What to do: Among the entries that follow, how many lines contain the string "CompositionType"? Write the number alone.

Provided records:
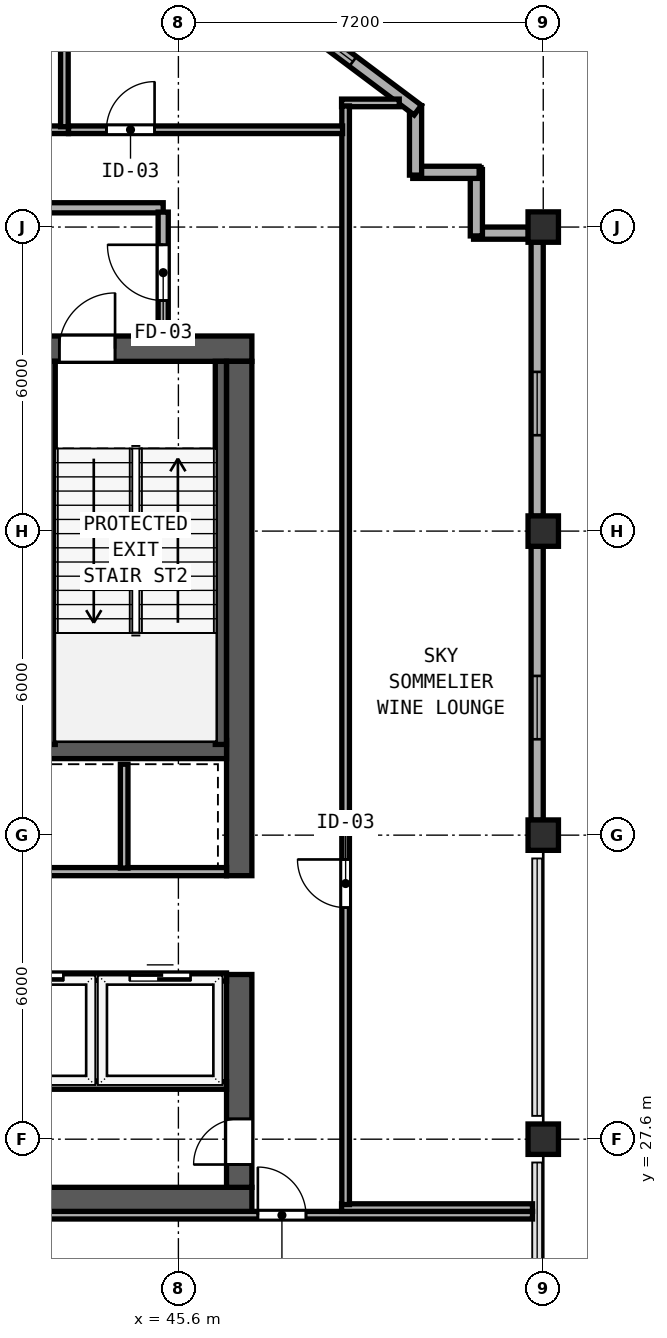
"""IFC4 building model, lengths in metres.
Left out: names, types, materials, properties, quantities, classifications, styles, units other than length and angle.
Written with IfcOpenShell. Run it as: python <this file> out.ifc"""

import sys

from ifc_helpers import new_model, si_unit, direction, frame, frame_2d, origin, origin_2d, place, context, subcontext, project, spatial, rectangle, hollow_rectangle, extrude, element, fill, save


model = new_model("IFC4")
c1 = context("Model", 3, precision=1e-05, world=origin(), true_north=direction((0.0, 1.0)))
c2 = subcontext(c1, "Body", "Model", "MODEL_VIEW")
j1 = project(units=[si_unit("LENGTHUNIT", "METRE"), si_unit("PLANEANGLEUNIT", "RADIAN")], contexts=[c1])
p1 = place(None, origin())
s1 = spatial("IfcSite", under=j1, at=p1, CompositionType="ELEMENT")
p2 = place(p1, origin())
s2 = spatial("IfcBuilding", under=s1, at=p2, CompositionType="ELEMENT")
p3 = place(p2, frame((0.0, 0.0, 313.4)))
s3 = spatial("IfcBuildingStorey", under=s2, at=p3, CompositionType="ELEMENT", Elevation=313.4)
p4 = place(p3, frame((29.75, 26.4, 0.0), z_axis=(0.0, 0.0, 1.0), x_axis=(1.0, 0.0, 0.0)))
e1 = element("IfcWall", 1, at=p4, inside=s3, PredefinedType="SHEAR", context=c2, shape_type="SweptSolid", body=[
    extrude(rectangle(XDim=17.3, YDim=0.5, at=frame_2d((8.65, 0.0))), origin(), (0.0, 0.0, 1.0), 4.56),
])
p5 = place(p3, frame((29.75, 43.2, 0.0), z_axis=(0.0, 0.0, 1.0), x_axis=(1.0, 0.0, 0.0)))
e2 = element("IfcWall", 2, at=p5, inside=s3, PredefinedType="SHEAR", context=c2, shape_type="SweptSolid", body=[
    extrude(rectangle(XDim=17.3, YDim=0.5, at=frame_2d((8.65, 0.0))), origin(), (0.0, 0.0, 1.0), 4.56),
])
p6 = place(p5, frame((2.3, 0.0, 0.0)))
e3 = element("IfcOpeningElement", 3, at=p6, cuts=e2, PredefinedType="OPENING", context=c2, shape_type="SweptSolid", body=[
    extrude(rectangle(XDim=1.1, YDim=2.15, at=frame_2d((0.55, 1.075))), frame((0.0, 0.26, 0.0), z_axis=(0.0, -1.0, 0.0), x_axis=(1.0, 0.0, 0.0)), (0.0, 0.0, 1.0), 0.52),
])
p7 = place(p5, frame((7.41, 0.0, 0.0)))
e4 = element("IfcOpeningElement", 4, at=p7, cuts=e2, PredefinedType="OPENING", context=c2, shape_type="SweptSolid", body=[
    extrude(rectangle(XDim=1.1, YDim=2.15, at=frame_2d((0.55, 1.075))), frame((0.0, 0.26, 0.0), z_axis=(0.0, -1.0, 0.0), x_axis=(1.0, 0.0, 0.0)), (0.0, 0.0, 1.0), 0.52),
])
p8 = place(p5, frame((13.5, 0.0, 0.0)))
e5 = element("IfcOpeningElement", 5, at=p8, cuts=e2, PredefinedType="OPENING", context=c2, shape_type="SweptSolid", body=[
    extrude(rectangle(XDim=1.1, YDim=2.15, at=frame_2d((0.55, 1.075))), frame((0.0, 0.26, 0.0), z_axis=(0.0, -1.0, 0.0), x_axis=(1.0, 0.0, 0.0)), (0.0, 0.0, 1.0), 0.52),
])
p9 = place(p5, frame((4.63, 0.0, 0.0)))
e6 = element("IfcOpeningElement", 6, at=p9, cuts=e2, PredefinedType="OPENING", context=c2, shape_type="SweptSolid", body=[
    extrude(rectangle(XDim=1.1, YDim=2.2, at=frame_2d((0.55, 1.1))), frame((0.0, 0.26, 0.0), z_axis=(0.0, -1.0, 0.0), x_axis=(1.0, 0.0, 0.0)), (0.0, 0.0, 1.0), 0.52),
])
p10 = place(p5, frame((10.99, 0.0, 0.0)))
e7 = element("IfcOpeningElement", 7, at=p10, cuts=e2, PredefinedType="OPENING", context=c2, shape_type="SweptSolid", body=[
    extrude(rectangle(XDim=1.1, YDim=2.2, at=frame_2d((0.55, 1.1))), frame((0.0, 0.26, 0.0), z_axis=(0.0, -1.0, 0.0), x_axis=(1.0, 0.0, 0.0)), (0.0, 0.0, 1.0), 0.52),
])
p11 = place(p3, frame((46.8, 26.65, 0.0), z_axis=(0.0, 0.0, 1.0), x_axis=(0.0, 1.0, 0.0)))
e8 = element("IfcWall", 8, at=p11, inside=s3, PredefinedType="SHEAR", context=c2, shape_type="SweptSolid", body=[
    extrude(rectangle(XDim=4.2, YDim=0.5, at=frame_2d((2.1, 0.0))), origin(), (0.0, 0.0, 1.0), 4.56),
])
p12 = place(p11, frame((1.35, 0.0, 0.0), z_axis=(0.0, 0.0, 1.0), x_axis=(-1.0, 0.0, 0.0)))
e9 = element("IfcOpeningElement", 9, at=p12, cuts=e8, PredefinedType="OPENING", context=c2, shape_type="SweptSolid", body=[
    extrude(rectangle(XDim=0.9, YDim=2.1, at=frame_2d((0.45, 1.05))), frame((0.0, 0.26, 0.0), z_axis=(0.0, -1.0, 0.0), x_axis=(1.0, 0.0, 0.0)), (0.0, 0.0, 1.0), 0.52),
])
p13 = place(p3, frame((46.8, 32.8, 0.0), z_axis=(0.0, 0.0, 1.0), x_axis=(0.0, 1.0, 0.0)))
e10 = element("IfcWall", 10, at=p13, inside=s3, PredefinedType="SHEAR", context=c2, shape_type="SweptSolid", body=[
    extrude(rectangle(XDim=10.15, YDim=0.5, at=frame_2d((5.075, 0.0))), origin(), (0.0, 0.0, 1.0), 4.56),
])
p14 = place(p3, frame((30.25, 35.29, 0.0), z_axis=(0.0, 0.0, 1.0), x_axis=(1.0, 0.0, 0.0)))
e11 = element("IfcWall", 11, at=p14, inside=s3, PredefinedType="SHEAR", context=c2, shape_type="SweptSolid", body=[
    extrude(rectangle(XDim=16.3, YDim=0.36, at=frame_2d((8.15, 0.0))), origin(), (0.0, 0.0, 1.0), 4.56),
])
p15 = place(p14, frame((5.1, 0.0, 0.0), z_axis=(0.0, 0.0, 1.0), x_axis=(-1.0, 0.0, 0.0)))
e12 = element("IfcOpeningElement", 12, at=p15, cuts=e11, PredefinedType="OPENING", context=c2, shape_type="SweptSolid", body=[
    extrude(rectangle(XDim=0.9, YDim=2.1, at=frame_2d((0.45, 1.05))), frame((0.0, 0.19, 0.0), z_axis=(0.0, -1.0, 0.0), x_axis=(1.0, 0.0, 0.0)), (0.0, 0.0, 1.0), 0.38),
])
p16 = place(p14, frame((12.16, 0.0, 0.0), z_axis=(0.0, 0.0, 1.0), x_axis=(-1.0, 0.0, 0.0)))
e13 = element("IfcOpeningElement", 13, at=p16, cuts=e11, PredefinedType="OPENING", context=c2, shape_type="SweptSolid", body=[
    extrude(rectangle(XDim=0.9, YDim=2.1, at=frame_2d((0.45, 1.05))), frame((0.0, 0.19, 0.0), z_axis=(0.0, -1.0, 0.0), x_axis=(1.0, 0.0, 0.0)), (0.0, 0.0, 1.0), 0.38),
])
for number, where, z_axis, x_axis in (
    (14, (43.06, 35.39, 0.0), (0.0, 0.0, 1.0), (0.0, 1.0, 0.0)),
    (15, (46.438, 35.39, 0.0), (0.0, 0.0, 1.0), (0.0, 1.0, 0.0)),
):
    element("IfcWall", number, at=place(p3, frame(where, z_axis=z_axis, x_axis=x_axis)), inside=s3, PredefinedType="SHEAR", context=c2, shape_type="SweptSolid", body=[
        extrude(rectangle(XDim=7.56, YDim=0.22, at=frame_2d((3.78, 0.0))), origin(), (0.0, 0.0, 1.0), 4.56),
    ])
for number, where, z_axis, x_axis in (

Your response: 3